[RECORDS SUPPLIED — start]

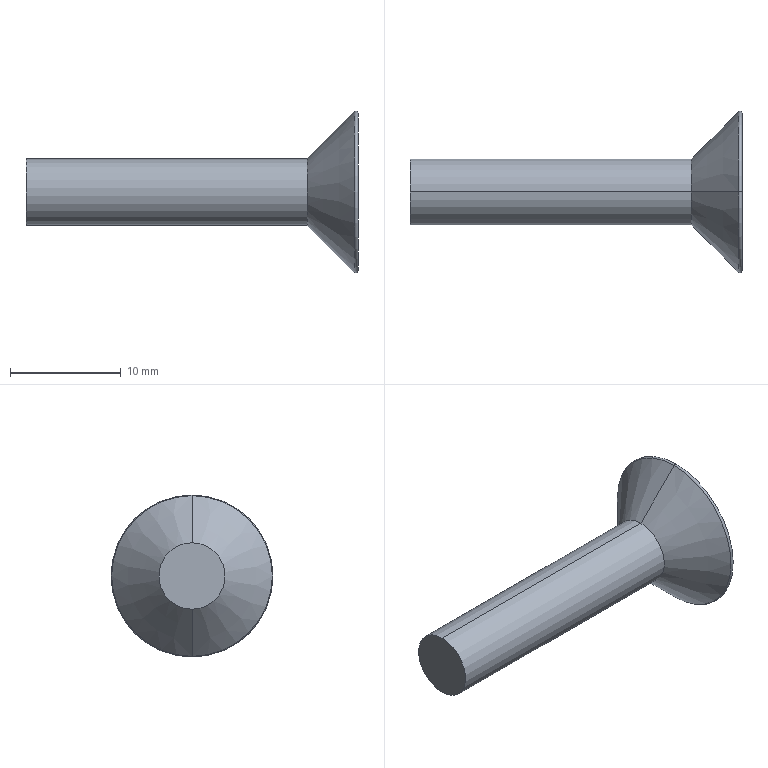Component | SolidWorks | FrontMiddleLowerDoor-1_hex lobular socket ctsk screws gb-2 | 1 solid | 20 faces | box 30 x 14.63 x 14.63 mm | volume 1112 mm3 | plane 14 | torus 2 | cone 2 | cylinder 2 | commonest cylinder face diameters 6 x2
STEP:
#1=COLOUR_RGB('',0.7922,0.8196,0.9333);
#2=FILL_AREA_STYLE_COLOUR('',#1);
#3=FILL_AREA_STYLE('',(#2));
#4=SURFACE_STYLE_FILL_AREA(#3);
#5=SURFACE_SIDE_STYLE('',(#4));
#6=SURFACE_STYLE_USAGE(.BOTH.,#5);
#7=PRESENTATION_STYLE_ASSIGNMENT((#6));
#8=CARTESIAN_POINT('',(16.378,12.559,-9.552));
#9=VERTEX_POINT('',#8);
#10=CARTESIAN_POINT('',(16.378,12.559,-8.991));
#11=VERTEX_POINT('',#10);
#12=CARTESIAN_POINT('',(16.378,12.559,-9.272));
#13=DIRECTION('',(1.,0.,-0.));
#14=DIRECTION('',(0.,0.,1.));
#15=AXIS2_PLACEMENT_3D('',#12,#13,#14);
#16=CIRCLE('',#15,0.2802);
#17=EDGE_CURVE('',#9,#11,#16,.T.);
#18=ORIENTED_EDGE('',*,*,#17,.F.);
#19=CARTESIAN_POINT('',(16.365,12.559,-9.557));
#20=VERTEX_POINT('',#19);
#21=CARTESIAN_POINT('',(16.37,12.559,-9.552));
#22=DIRECTION('',(-0.,1.,-0.));
#23=DIRECTION('',(-1.,0.,0.));
#24=AXIS2_PLACEMENT_3D('',#21,#22,#23);
#25=CIRCLE('',#24,0.007874);
#26=EDGE_CURVE('',#9,#20,#25,.T.);
#27=ORIENTED_EDGE('',*,*,#26,.T.);
#28=CARTESIAN_POINT('',(16.365,12.559,-8.986));
#29=VERTEX_POINT('',#28);
#30=CARTESIAN_POINT('',(16.365,12.559,-9.272));
#31=DIRECTION('',(-1.,-0.,0.));
#32=DIRECTION('',(0.,0.,-1.));
#33=AXIS2_PLACEMENT_3D('',#30,#31,#32);
#34=CIRCLE('',#33,0.2858);
#35=EDGE_CURVE('',#29,#20,#34,.T.);
#36=ORIENTED_EDGE('',*,*,#35,.F.);
#37=CARTESIAN_POINT('',(16.37,12.559,-8.991));
#38=DIRECTION('',(0.,-1.,0.));
#39=DIRECTION('',(0.,0.,-1.));
#40=AXIS2_PLACEMENT_3D('',#37,#38,#39);
#41=CIRCLE('',#40,0.007874);
#42=EDGE_CURVE('',#11,#29,#41,.T.);
#43=ORIENTED_EDGE('',*,*,#42,.F.);
#44=EDGE_LOOP('',(#18,#27,#36,#43));
#45=FACE_OUTER_BOUND('',#44,.T.);
#46=CARTESIAN_POINT('',(16.37,12.559,-9.272));
#47=DIRECTION('',(-1.,-0.,0.));
#48=DIRECTION('',(0.,0.,1.));
#49=AXIS2_PLACEMENT_3D('',#46,#47,#48);
#50=TOROIDAL_SURFACE('',#49,0.2802,0.007874);
#51=ADVANCED_FACE('',(#45),#50,.T.);
#52=CARTESIAN_POINT('',(16.197,12.559,-9.39));
#53=VERTEX_POINT('',#52);
#54=CARTESIAN_POINT('',(16.197,12.559,-9.154));
#55=VERTEX_POINT('',#54);
#56=CARTESIAN_POINT('',(16.197,12.559,-9.272));
#57=DIRECTION('',(-1.,-0.,0.));
#58=DIRECTION('',(0.,0.,1.));
#59=AXIS2_PLACEMENT_3D('',#56,#57,#58);
#60=CIRCLE('',#59,0.1181);
#61=EDGE_CURVE('',#53,#55,#60,.T.);
#62=ORIENTED_EDGE('',*,*,#61,.F.);
#63=CARTESIAN_POINT('',(16.197,12.559,-9.39));
#64=DIRECTION('',(0.7071,-0.,-0.7071));
#65=VECTOR('',#64,39.37);
#66=LINE('',#63,#65);
#67=EDGE_CURVE('',#53,#20,#66,.T.);
#68=ORIENTED_EDGE('',*,*,#67,.T.);
#69=CARTESIAN_POINT('',(16.365,12.559,-9.272));
#70=DIRECTION('',(-1.,-0.,0.));
#71=DIRECTION('',(0.,0.,-1.));
#72=AXIS2_PLACEMENT_3D('',#69,#70,#71);
#73=CIRCLE('',#72,0.2858);
#74=EDGE_CURVE('',#20,#29,#73,.T.);
#75=ORIENTED_EDGE('',*,*,#74,.T.);
#76=CARTESIAN_POINT('',(16.197,12.559,-9.154));
#77=DIRECTION('',(0.7071,0.,0.7071));
#78=VECTOR('',#77,39.37);
#79=LINE('',#76,#78);
#80=EDGE_CURVE('',#55,#29,#79,.T.);
#81=ORIENTED_EDGE('',*,*,#80,.F.);
#82=EDGE_LOOP('',(#62,#68,#75,#81));
#83=FACE_OUTER_BOUND('',#82,.T.);
#84=CARTESIAN_POINT('',(16.197,12.559,-9.272));
#85=DIRECTION('',(1.,0.,-0.));
#86=DIRECTION('',(0.,0.,1.));
#87=AXIS2_PLACEMENT_3D('',#84,#85,#86);
#88=CONICAL_SURFACE('',#87,0.1181,0.7854);
#89=ADVANCED_FACE('',(#83),#88,.T.);
#90=CARTESIAN_POINT('',(15.197,12.559,-9.154));
#91=VERTEX_POINT('',#90);
#92=CARTESIAN_POINT('',(15.197,12.559,-9.39));
#93=VERTEX_POINT('',#92);
#94=CARTESIAN_POINT('',(15.197,12.559,-9.272));
#95=DIRECTION('',(-1.,-0.,0.));
#96=DIRECTION('',(0.,0.,1.));
#97=AXIS2_PLACEMENT_3D('',#94,#95,#96);
#98=CIRCLE('',#97,0.1181);
#99=EDGE_CURVE('',#91,#93,#98,.T.);
#100=ORIENTED_EDGE('',*,*,#99,.F.);
#101=CARTESIAN_POINT('',(15.016,12.559,-9.154));
#102=DIRECTION('',(1.,0.,-0.));
#103=VECTOR('',#102,39.37);
#104=LINE('',#101,#103);
#105=EDGE_CURVE('',#91,#55,#104,.T.);
#106=ORIENTED_EDGE('',*,*,#105,.T.);
#107=CARTESIAN_POINT('',(16.197,12.559,-9.272));
#108=DIRECTION('',(-1.,-0.,0.));
#109=DIRECTION('',(0.,0.,1.));
#110=AXIS2_PLACEMENT_3D('',#107,#108,#109);
#111=CIRCLE('',#110,0.1181);
#112=EDGE_CURVE('',#55,#53,#111,.T.);
#113=ORIENTED_EDGE('',*,*,#112,.T.);
#114=CARTESIAN_POINT('',(15.016,12.559,-9.39));
#115=DIRECTION('',(1.,0.,-0.));
#116=VECTOR('',#115,39.37);
#117=LINE('',#114,#116);
#118=EDGE_CURVE('',#93,#53,#117,.T.);
#119=ORIENTED_EDGE('',*,*,#118,.F.);
#120=EDGE_LOOP('',(#100,#106,#113,#119));
#121=FACE_OUTER_BOUND('',#120,.T.);
#122=CARTESIAN_POINT('',(15.016,12.559,-9.272));
#123=DIRECTION('',(1.,0.,-0.));
#124=DIRECTION('',(0.,0.,-1.));
#125=AXIS2_PLACEMENT_3D('',#122,#123,#124);
#126=CYLINDRICAL_SURFACE('',#125,0.1181);
#127=ADVANCED_FACE('',(#121),#126,.T.);
#128=CARTESIAN_POINT('',(16.378,12.559,-9.272));
#129=DIRECTION('',(1.,0.,-0.));
#130=DIRECTION('',(0.,0.,1.));
#131=AXIS2_PLACEMENT_3D('',#128,#129,#130);
#132=CIRCLE('',#131,0.2802);
#133=EDGE_CURVE('',#11,#9,#132,.T.);
#134=ORIENTED_EDGE('',*,*,#133,.T.);
#135=ORIENTED_EDGE('',*,*,#17,.T.);
#136=EDGE_LOOP('',(#134,#135));
#137=FACE_OUTER_BOUND('',#136,.T.);
#138=CARTESIAN_POINT('',(16.378,12.477,-9.224));
#139=VERTEX_POINT('',#138);
#140=CARTESIAN_POINT('',(16.378,12.559,-9.177));
#141=VERTEX_POINT('',#140);
#142=CARTESIAN_POINT('',(16.378,12.477,-9.224));
#143=DIRECTION('',(0.,0.866,0.5));
#144=VECTOR('',#143,39.37);
#145=LINE('',#142,#144);
#146=EDGE_CURVE('',#139,#141,#145,.T.);
#147=ORIENTED_EDGE('',*,*,#146,.T.);
#148=CARTESIAN_POINT('',(16.378,12.641,-9.224));
#149=VERTEX_POINT('',#148);
#150=CARTESIAN_POINT('',(16.378,12.559,-9.177));
#151=DIRECTION('',(-0.,0.866,-0.5));
#152=VECTOR('',#151,39.37);
#153=LINE('',#150,#152);
#154=EDGE_CURVE('',#141,#149,#153,.T.);
#155=ORIENTED_EDGE('',*,*,#154,.T.);
#156=CARTESIAN_POINT('',(16.378,12.641,-9.319));
#157=VERTEX_POINT('',#156);
#158=CARTESIAN_POINT('',(16.378,12.641,-9.224));
#159=DIRECTION('',(-0.,-0.,-1.));
#160=VECTOR('',#159,39.37);
#161=LINE('',#158,#160);
#162=EDGE_CURVE('',#149,#157,#161,.T.);
#163=ORIENTED_EDGE('',*,*,#162,.T.);
#164=CARTESIAN_POINT('',(16.378,12.559,-9.366));
#165=VERTEX_POINT('',#164);
#166=CARTESIAN_POINT('',(16.378,12.641,-9.319));
#167=DIRECTION('',(-0.,-0.866,-0.5));
#168=VECTOR('',#167,39.37);
#169=LINE('',#166,#168);
#170=EDGE_CURVE('',#157,#165,#169,.T.);
#171=ORIENTED_EDGE('',*,*,#170,.T.);
#172=CARTESIAN_POINT('',(16.378,12.477,-9.319));
#173=VERTEX_POINT('',#172);
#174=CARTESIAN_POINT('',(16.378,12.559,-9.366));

[RECORDS SUPPLIED — finish]

## TASK TO CARRY OUT
The response must match the data line for line, from its first line through the line with "#14=DIRECTION('',(0.,0.,1.));", inclusive, and must leave out the pictures.

## EXPECTED ANSWER
Component | SolidWorks | FrontMiddleLowerDoor-1_hex lobular socket ctsk screws gb-2 | 1 solid | 20 faces | box 30 x 14.63 x 14.63 mm | volume 1112 mm3 | plane 14 | torus 2 | cone 2 | cylinder 2 | commonest cylinder face diameters 6 x2
STEP:
#1=COLOUR_RGB('',0.7922,0.8196,0.9333);
#2=FILL_AREA_STYLE_COLOUR('',#1);
#3=FILL_AREA_STYLE('',(#2));
#4=SURFACE_STYLE_FILL_AREA(#3);
#5=SURFACE_SIDE_STYLE('',(#4));
#6=SURFACE_STYLE_USAGE(.BOTH.,#5);
#7=PRESENTATION_STYLE_ASSIGNMENT((#6));
#8=CARTESIAN_POINT('',(16.378,12.559,-9.552));
#9=VERTEX_POINT('',#8);
#10=CARTESIAN_POINT('',(16.378,12.559,-8.991));
#11=VERTEX_POINT('',#10);
#12=CARTESIAN_POINT('',(16.378,12.559,-9.272));
#13=DIRECTION('',(1.,0.,-0.));
#14=DIRECTION('',(0.,0.,1.));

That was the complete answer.